[Dataset entries]
────
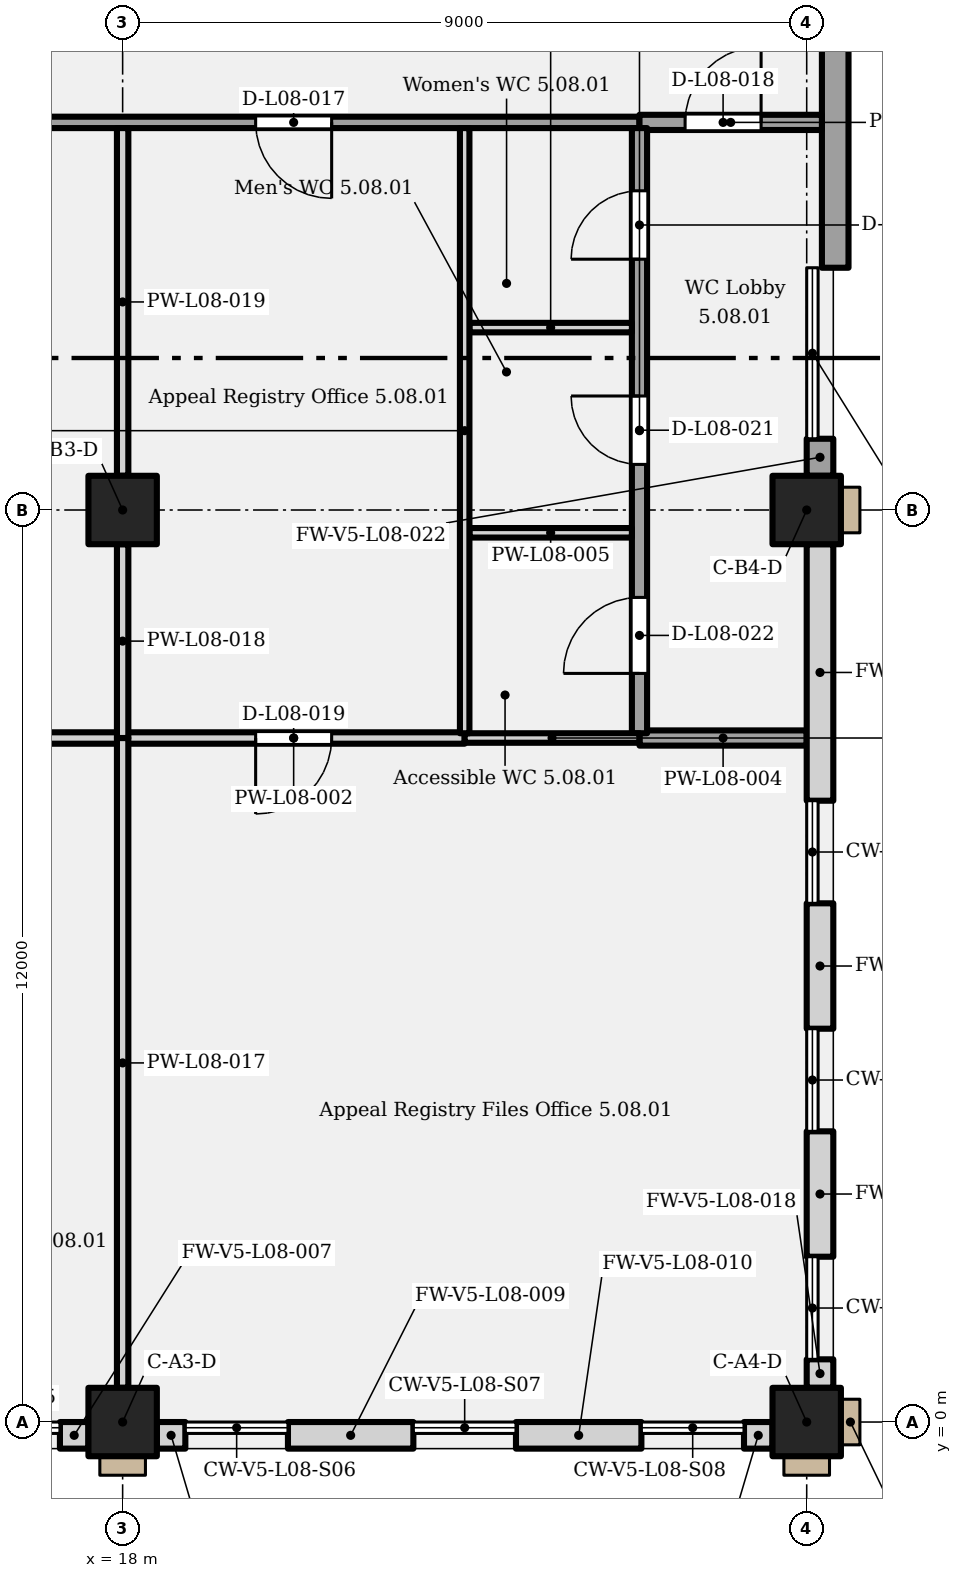
"""IFC4 building model, lengths in metres.
Left out: names, types, materials, properties, quantities, classifications, styles, units other than length and angle.
Written with IfcOpenShell. Run it as: python <this file> out.ifc"""

import sys

from ifc_helpers import new_model, si_unit, direction, frame, frame_2d, origin, origin_2d, place, context, subcontext, project, spatial, rectangle, extrude, element, fill, save


model = new_model("IFC4")
c1 = context("Model", 3, precision=1e-05, world=origin(), true_north=direction((0.0, 1.0)))
c2 = subcontext(c1, "Body", "Model", "MODEL_VIEW")
j1 = project(units=[si_unit("LENGTHUNIT", "METRE"), si_unit("PLANEANGLEUNIT", "RADIAN")], contexts=[c1])
p1 = place(None, origin())
s1 = spatial("IfcSite", under=j1, at=p1, CompositionType="ELEMENT")
p2 = place(p1, origin())
s2 = spatial("IfcBuilding", under=s1, at=p2, CompositionType="ELEMENT")
p3 = place(p2, frame((0.0, 0.0, 44.4)))
s3 = spatial("IfcBuildingStorey", under=s2, at=p3, CompositionType="ELEMENT", Elevation=44.4)
for number, where, z_axis, x_axis in (
    (1, (18.0, 0.0, 0.0), (0.0, 0.0, 1.0), (1.0, 0.0, 0.0)),
    (2, (27.0, 0.0, 0.0), (0.0, 0.0, 1.0), (1.0, 0.0, 0.0)),
    (3, (18.0, 12.0, 0.0), (0.0, 0.0, 1.0), (1.0, 0.0, 0.0)),
    (4, (27.0, 12.0, 0.0), (0.0, 0.0, 1.0), (1.0, 0.0, 0.0)),
):
    element("IfcColumn", number, at=place(p3, frame(where, z_axis=z_axis, x_axis=x_axis)), inside=s3, PredefinedType="COLUMN", context=c2, shape_type="SweptSolid", body=[
        extrude(rectangle(XDim=0.9, YDim=0.9, at=origin_2d()), origin(), (0.0, 0.0, 1.0), 4.5),
    ])
for number, where, z_axis, x_axis in (
    (5, (17.175, -0.175, 0.0), (0.0, 0.0, 1.0), (1.0, 0.0, 0.0)),
    (6, (18.45, -0.175, 0.0), (0.0, 0.0, 1.0), (1.0, 0.0, 0.0)),
):
    element("IfcWall", number, at=place(p3, frame(where, z_axis=z_axis, x_axis=x_axis)), inside=s3, PredefinedType="SOLIDWALL", context=c2, shape_type="SweptSolid", body=[
        extrude(rectangle(XDim=0.375, YDim=0.35, at=frame_2d((0.188, 0.0))), origin(), (0.0, 0.0, 1.0), 4.25),
    ])
for number, where, z_axis, x_axis in (
    (7, (20.175, -0.175, 0.0), (0.0, 0.0, 1.0), (1.0, 0.0, 0.0)),
    (8, (23.175, -0.175, 0.0), (0.0, 0.0, 1.0), (1.0, 0.0, 0.0)),
):
    element("IfcWall", number, at=place(p3, frame(where, z_axis=z_axis, x_axis=x_axis)), inside=s3, PredefinedType="SOLIDWALL", context=c2, shape_type="SweptSolid", body=[
        extrude(rectangle(XDim=1.65, YDim=0.35, at=frame_2d((0.825, 0.0))), origin(), (0.0, 0.0, 1.0), 4.25),
    ])
for number, where, z_axis, x_axis in (
    (9, (26.175, -0.175, 0.0), (0.0, 0.0, 1.0), (1.0, 0.0, 0.0)),
    (10, (27.175, 0.45, 0.0), (0.0, 0.0, 1.0), (0.0, 1.0, 0.0)),
):
    element("IfcWall", number, at=place(p3, frame(where, z_axis=z_axis, x_axis=x_axis)), inside=s3, PredefinedType="SOLIDWALL", context=c2, shape_type="SweptSolid", body=[
        extrude(rectangle(XDim=0.375, YDim=0.35, at=frame_2d((0.188, 0.0))), origin(), (0.0, 0.0, 1.0), 4.25),
    ])
for number, where, z_axis, x_axis in (
    (11, (27.175, 2.175, 0.0), (0.0, 0.0, 1.0), (0.0, 1.0, 0.0)),
    (12, (27.175, 5.175, 0.0), (0.0, 0.0, 1.0), (0.0, 1.0, 0.0)),
):
    element("IfcWall", number, at=place(p3, frame(where, z_axis=z_axis, x_axis=x_axis)), inside=s3, PredefinedType="SOLIDWALL", context=c2, shape_type="SweptSolid", body=[
        extrude(rectangle(XDim=1.65, YDim=0.35, at=frame_2d((0.825, 0.0))), origin(), (0.0, 0.0, 1.0), 4.25),
    ])
p4 = place(p3, frame((27.175, 8.175, 0.0), z_axis=(0.0, 0.0, 1.0), x_axis=(0.0, 1.0, 0.0)))
e13 = element("IfcWall", 13, at=p4, inside=s3, PredefinedType="SOLIDWALL", context=c2, shape_type="SweptSolid", body=[
    extrude(rectangle(XDim=3.375, YDim=0.35, at=frame_2d((1.688, 0.0))), origin(), (0.0, 0.0, 1.0), 4.25),
])
p5 = place(p3, frame((27.175, 12.45, 0.0), z_axis=(0.0, 0.0, 1.0), x_axis=(0.0, 1.0, 0.0)))
e14 = element("IfcWall", 14, at=p5, inside=s3, PredefinedType="SOLIDWALL", context=c2, shape_type="SweptSolid", body=[
    extrude(rectangle(XDim=0.488, YDim=0.35, at=frame_2d((0.244, 0.0))), origin(), (0.0, 0.0, 1.0), 4.25),
])
p6 = place(p3, frame((27.375, 15.188, 0.0), z_axis=(0.0, 0.0, 1.0), x_axis=(0.0, 1.0, 0.0)))
e15 = element("IfcWall", 15, at=p6, inside=s3, PredefinedType="SOLIDWALL", context=c2, shape_type="SweptSolid", body=[
    extrude(rectangle(XDim=12.863, YDim=0.35, at=frame_2d((6.431, 0.0))), origin(), (0.0, 0.0, 1.0), 4.25),
])
p7 = place(p3, frame((9.087, 9.0, 0.0), z_axis=(0.0, 0.0, 1.0), x_axis=(1.0, 0.0, 0.0)))
e16 = element("IfcWall", 16, at=p7, inside=s3, PredefinedType="PARTITIONING", context=c2, shape_type="SweptSolid", body=[
    extrude(rectangle(XDim=8.913, YDim=0.15, at=frame_2d((4.456, 0.0))), origin(), (0.0, 0.0, 1.0), 4.25),
])
p8 = place(p7, frame((4.913, 0.0, 0.0), z_axis=(0.0, 0.0, 1.0), x_axis=(-1.0, 0.0, 0.0)))
e17 = element("IfcOpeningElement", 17, at=p8, cuts=e16, PredefinedType="OPENING", context=c2, shape_type="SweptSolid", body=[
    extrude(rectangle(XDim=1.0, YDim=2.1, at=frame_2d((0.5, 1.05))), frame((0.0, 0.085, 0.0), z_axis=(0.0, -1.0, 0.0), x_axis=(1.0, 0.0, 0.0)), (0.0, 0.0, 1.0), 0.17),
])
p9 = place(p3, frame((18.0, 9.0, 0.0), z_axis=(0.0, 0.0, 1.0), x_axis=(1.0, 0.0, 0.0)))
e18 = element("IfcWall", 18, at=p9, inside=s3, PredefinedType="PARTITIONING", context=c2, shape_type="SweptSolid", body=[
    extrude(rectangle(XDim=4.5, YDim=0.15, at=frame_2d((2.25, 0.0))), origin(), (0.0, 0.0, 1.0), 4.25),
])
p10 = place(p9, frame((2.75, 0.0, 0.0), z_axis=(0.0, 0.0, 1.0), x_axis=(-1.0, 0.0, 0.0)))
e19 = element("IfcOpeningElement", 19, at=p10, cuts=e18, PredefinedType="OPENING", context=c2, shape_type="SweptSolid", body=[
    extrude(rectangle(XDim=1.0, YDim=2.1, at=frame_2d((0.5, 1.05))), frame((0.0, 0.085, 0.0), z_axis=(0.0, -1.0, 0.0), x_axis=(1.0, 0.0, 0.0)), (0.0, 0.0, 1.0), 0.17),
])
p11 = place(p3, frame((22.5, 9.0, 0.0), z_axis=(0.0, 0.0, 1.0), x_axis=(1.0, 0.0, 0.0)))
e20 = element("IfcWall", 20, at=p11, inside=s3, PredefinedType="PARTITIONING", context=c2, shape_type="SweptSolid", body=[
    extrude(rectangle(XDim=2.3, YDim=0.125, at=frame_2d((1.15, 0.0))), origin(), (0.0, 0.0, 1.0), 4.25),
])
p12 = place(p3, frame((24.8, 9.0, 0.0), z_axis=(0.0, 0.0, 1.0), x_axis=(1.0, 0.0, 0.0)))
e21 = element("IfcWall", 21, at=p12, inside=s3, PredefinedType="PARTITIONING", context=c2, shape_type="SweptSolid", body=[
    extrude(rectangle(XDim=2.2, YDim=0.2, at=frame_2d((1.1, 0.0))), origin(), (0.0, 0.0, 1.0), 4.25),
])
p13 = place(p3, frame((22.562, 11.7, 0.0), z_axis=(0.0, 0.0, 1.0), x_axis=(1.0, 0.0, 0.0)))
e22 = element("IfcWall", 22, at=p13, inside=s3, PredefinedType="PARTITIONING", context=c2, shape_type="SweptSolid", body=[
    extrude(rectangle(XDim=2.137, YDim=0.125, at=frame_2d((1.069, 0.0))), origin(), (0.0, 0.0, 1.0), 3.5),
])
p14 = place(p3, frame((22.562, 14.4, 0.0), z_axis=(0.0, 0.0, 1.0), x_axis=(1.0, 0.0, 0.0)))
e23 = element("IfcWall", 23, at=p14, inside=s3, PredefinedType="PARTITIONING", context=c2, shape_type="SweptSolid", body=[
    extrude(rectangle(XDim=2.137, YDim=0.125, at=frame_2d((1.069, 0.0))), origin(), (0.0, 0.0, 1.0), 4.25),
])
p15 = place(p3, frame((-0.2, 17.1, 0.0), z_axis=(0.0, 0.0, 1.0), x_axis=(1.0, 0.0, 0.0)))
e24 = element("IfcWall", 24, at=p15, inside=s3, PredefinedType="PARTITIONING", context=c2, shape_type="SweptSolid", body=[
    extrude(rectangle(XDim=25.0, YDim=0.15, at=frame_2d((12.5, 0.0))), origin(), (0.0, 0.0, 1.0), 4.25),
])
p16 = place(p15, frame((2.95, 0.0, 0.0), z_axis=(0.0, 0.0, 1.0), x_axis=(-1.0, 0.0, 0.0)))
e25 = element("IfcOpeningElement", 25, at=p16, cuts=e24, PredefinedType="OPENING", context=c2, shape_type="SweptSolid", body=[
    extrude(rectangle(XDim=1.0, YDim=2.1, at=frame_2d((0.5, 1.05))), frame((0.0, 0.085, 0.0), z_axis=(0.0, -1.0, 0.0), x_axis=(1.0, 0.0, 0.0)), (0.0, 0.0, 1.0), 0.17),
])
p17 = place(p15, frame((7.45, 0.0, 0.0), z_axis=(0.0, 0.0, 1.0), x_axis=(-1.0, 0.0, 0.0)))
e26 = element("IfcOpeningElement", 26, at=p17, cuts=e24, PredefinedType="OPENING", context=c2, shape_type="SweptSolid", body=[
    extrude(rectangle(XDim=1.0, YDim=2.1, at=frame_2d((0.5, 1.05))), frame((0.0, 0.085, 0.0), z_axis=(0.0, -1.0, 0.0), x_axis=(1.0, 0.0, 0.0)), (0.0, 0.0, 1.0), 0.17),
])
p18 = place(p15, frame((14.2, 0.0, 0.0), z_axis=(0.0, 0.0, 1.0), x_axis=(-1.0, 0.0, 0.0)))
e27 = element("IfcOpeningElement", 27, at=p18, cuts=e24, PredefinedType="OPENING", context=c2, shape_type="SweptSolid", body=[
    extrude(rectangle(XDim=1.0, YDim=2.1, at=frame_2d((0.5, 1.05))), frame((0.0, 0.085, 0.0), z_axis=(0.0, -1.0, 0.0), x_axis=(1.0, 0.0, 0.0)), (0.0, 0.0, 1.0), 0.17),
])
p19 = place(p15, frame((20.95, 0.0, 0.0), z_axis=(0.0, 0.0, 1.0), x_axis=(-1.0, 0.0, 0.0)))
e28 = element("IfcOpeningElement", 28, at=p19, cuts=e24, PredefinedType="OPENING", context=c2, shape_type="SweptSolid", body=[
    extrude(rectangle(XDim=1.0, YDim=2.1, at=frame_2d((0.5, 1.05))), frame((0.0, 0.085, 0.0), z_axis=(0.0, -1.0, 0.0), x_axis=(1.0, 0.0, 0.0)), (0.0, 0.0, 1.0), 0.17),
])
p20 = place(p3, frame((24.8, 17.1, 0.0), z_axis=(0.0, 0.0, 1.0), x_axis=(1.0, 0.0, 0.0)))
e29 = element("IfcWall", 29, at=p20, inside=s3, PredefinedType="PARTITIONING", context=c2, shape_type="SweptSolid", body=[
    extrude(rectangle(XDim=2.4, YDim=0.2, at=frame_2d((1.2, 0.0))), origin(), (0.0, 0.0, 1.0), 4.25),
])
p21 = place(p20, frame((0.6, 0.0, 0.0)))
e30 = element("IfcOpeningElement", 30, at=p21, cuts=e29, PredefinedType="OPENING", context=c2, shape_type="SweptSolid", body=[
    extrude(rectangle(XDim=1.0, YDim=2.1, at=frame_2d((0.5, 1.05))), frame((0.0, 0.11, 0.0), z_axis=(0.0, -1.0, 0.0), x_axis=(1.0, 0.0, 0.0)), (0.0, 0.0, 1.0), 0.22),
])
p22 = place(p3, frame((18.0, 0.45, 0.0), z_axis=(0.0, 0.0, 1.0), x_axis=(0.0, 1.0, 0.0)))
e31 = element("IfcWall", 31, at=p22, inside=s3, PredefinedType="PARTITIONING", context=c2, shape_type="SweptSolid", body=[
    extrude(rectangle(XDim=8.55, YDim=0.15, at=frame_2d((4.275, 0.0))), origin(), (0.0, 0.0, 1.0), 3.5),
])
p23 = place(p3, frame((18.0, 9.0, 0.0), z_axis=(0.0, 0.0, 1.0), x_axis=(0.0, 1.0, 0.0)))
e32 = element("IfcWall", 32, at=p23, inside=s3, PredefinedType="PARTITIONING", context=c2, shape_type="SweptSolid", body=[
    extrude(rectangle(XDim=2.55, YDim=0.15, at=frame_2d((1.275, 0.0))), origin(), (0.0, 0.0, 1.0), 3.5),
])
p24 = place(p3, frame((18.0, 12.45, 0.0), z_axis=(0.0, 0.0, 1.0), x_axis=(0.0, 1.0, 0.0)))
e33 = element("IfcWall", 33, at=p24, inside=s3, PredefinedType="PARTITIONING", context=c2, shape_type="SweptSolid", body=[
    extrude(rectangle(XDim=4.575, YDim=0.15, at=frame_2d((2.288, 0.0))), origin(), (0.0, 0.0, 1.0), 3.3),
])
p25 = place(p3, frame((22.5, 9.062, 0.0), z_axis=(0.0, 0.0, 1.0), x_axis=(0.0, 1.0, 0.0)))
e34 = element("IfcWall", 34, at=p25, inside=s3, PredefinedType="PARTITIONING", context=c2, shape_type="SweptSolid", body=[
    extrude(rectangle(XDim=7.962, YDim=0.125, at=frame_2d((3.981, 0.0))), origin(), (0.0, 0.0, 1.0), 4.25),
])
p26 = place(p3, frame((24.8, 9.062, 0.0), z_axis=(0.0, 0.0, 1.0), x_axis=(0.0, 1.0, 0.0)))
e35 = element("IfcWall", 35, at=p26, inside=s3, PredefinedType="PARTITIONING", context=c2, shape_type="SweptSolid", body=[
    extrude(rectangle(XDim=7.962, YDim=0.2, at=frame_2d((3.981, 0.0))), origin(), (0.0, 0.0, 1.0), 4.25),
])
p27 = place(p26, frame((6.238, 0.0, 0.0)))
e36 = element("IfcOpeningElement", 36, at=p27, cuts=e35, PredefinedType="OPENING", context=c2, shape_type="SweptSolid", body=[
    extrude(rectangle(XDim=0.9, YDim=2.1, at=frame_2d((0.45, 1.05))), frame((0.0, 0.11, 0.0), z_axis=(0.0, -1.0, 0.0), x_axis=(1.0, 0.0, 0.0)), (0.0, 0.0, 1.0), 0.22),
])
p28 = place(p26, frame((3.538, 0.0, 0.0)))
e37 = element("IfcOpeningElement", 37, at=p28, cuts=e35, PredefinedType="OPENING", context=c2, shape_type="SweptSolid", body=[
    extrude(rectangle(XDim=0.9, YDim=2.1, at=frame_2d((0.45, 1.05))), frame((0.0, 0.11, 0.0), z_axis=(0.0, -1.0, 0.0), x_axis=(1.0, 0.0, 0.0)), (0.0, 0.0, 1.0), 0.22),
])
p29 = place(p26, frame((0.788, 0.0, 0.0)))
e38 = element("IfcOpeningElement", 38, at=p29, cuts=e35, PredefinedType="OPENING", context=c2, shape_type="SweptSolid", body=[
    extrude(rectangle(XDim=1.0, YDim=2.1, at=frame_2d((0.5, 1.05))), frame((0.0, 0.11, 0.0), z_axis=(0.0, -1.0, 0.0), x_axis=(1.0, 0.0, 0.0)), (0.0, 0.0, 1.0), 0.22),
])
p30 = place(p19, origin())
e39 = element("IfcDoor", 39, at=p30, inside=s3, OperationType="SINGLE_SWING_LEFT", PredefinedType="DOOR", context=c2, shape_type="SweptSolid", body=[
    extrude(rectangle(XDim=1.0, YDim=2.1, at=frame_2d((0.5, 1.05))), frame((0.0, 0.025, 0.0), z_axis=(0.0, -1.0, 0.0), x_axis=(1.0, 0.0, 0.0)), (0.0, 0.0, 1.0), 0.05),
])
fill(e28, e39)
p31 = place(p21, origin())
e40 = element("IfcDoor", 40, at=p31, inside=s3, OperationType="SINGLE_SWING_RIGHT", PredefinedType="DOOR", context=c2, shape_type="SweptSolid", body=[
    extrude(rectangle(XDim=1.0, YDim=2.1, at=frame_2d((0.5, 1.05))), frame((0.0, 0.025, 0.0), z_axis=(0.0, -1.0, 0.0), x_axis=(1.0, 0.0, 0.0)), (0.0, 0.0, 1.0), 0.05),
])
fill(e30, e40)
p32 = place(p10, origin())
e41 = element("IfcDoor", 41, at=p32, inside=s3, OperationType="SINGLE_SWING_RIGHT", PredefinedType="DOOR", context=c2, shape_type="SweptSolid", body=[
    extrude(rectangle(XDim=1.0, YDim=2.1, at=frame_2d((0.5, 1.05))), frame((0.0, 0.025, 0.0), z_axis=(0.0, -1.0, 0.0), x_axis=(1.0, 0.0, 0.0)), (0.0, 0.0, 1.0), 0.05),
])
fill(e19, e41)
p33 = place(p27, origin())
e42 = element("IfcDoor", 42, at=p33, inside=s3, OperationType="SINGLE_SWING_LEFT", PredefinedType="DOOR", context=c2, shape_type="SweptSolid", body=[
    extrude(rectangle(XDim=0.9, YDim=2.1, at=frame_2d((0.45, 1.05))), frame((0.0, 0.025, 0.0), z_axis=(0.0, -1.0, 0.0), x_axis=(1.0, 0.0, 0.0)), (0.0, 0.0, 1.0), 0.05),
])
fill(e36, e42)
p34 = place(p28, origin())
e43 = element("IfcDoor", 43, at=p34, inside=s3, OperationType="SINGLE_SWING_RIGHT", PredefinedType="DOOR", context=c2, shape_type="SweptSolid", body=[
    extrude(rectangle(XDim=0.9, YDim=2.1, at=frame_2d((0.45, 1.05))), frame((0.0, 0.025, 0.0), z_axis=(0.0, -1.0, 0.0), x_axis=(1.0, 0.0, 0.0)), (0.0, 0.0, 1.0), 0.05),
])
fill(e37, e43)
p35 = place(p29, origin())
e44 = element("IfcDoor", 44, at=p35, inside=s3, OperationType="SINGLE_SWING_LEFT", PredefinedType="DOOR", context=c2, shape_type="SweptSolid", body=[
    extrude(rectangle(XDim=1.0, YDim=2.1, at=frame_2d((0.5, 1.05))), frame((0.0, 0.025, 0.0), z_axis=(0.0, -1.0, 0.0), x_axis=(1.0, 0.0, 0.0)), (0.0, 0.0, 1.0), 0.05),
])
fill(e38, e44)
save(model, sys.argv[1])
────
WHAT THE TASK REQUIRES:
Retype each line of the data exactly, beginning with the first; include the line containing "world=origin(), true_north=direction((0.0, 1.0)))" and stop there, skipping every picture.

REPLY:
"""IFC4 building model, lengths in metres.
Left out: names, types, materials, properties, quantities, classifications, styles, units other than length and angle.
Written with IfcOpenShell. Run it as: python <this file> out.ifc"""

import sys

from ifc_helpers import new_model, si_unit, direction, frame, frame_2d, origin, origin_2d, place, context, subcontext, project, spatial, rectangle, extrude, element, fill, save


model = new_model("IFC4")
c1 = context("Model", 3, precision=1e-05, world=origin(), true_north=direction((0.0, 1.0)))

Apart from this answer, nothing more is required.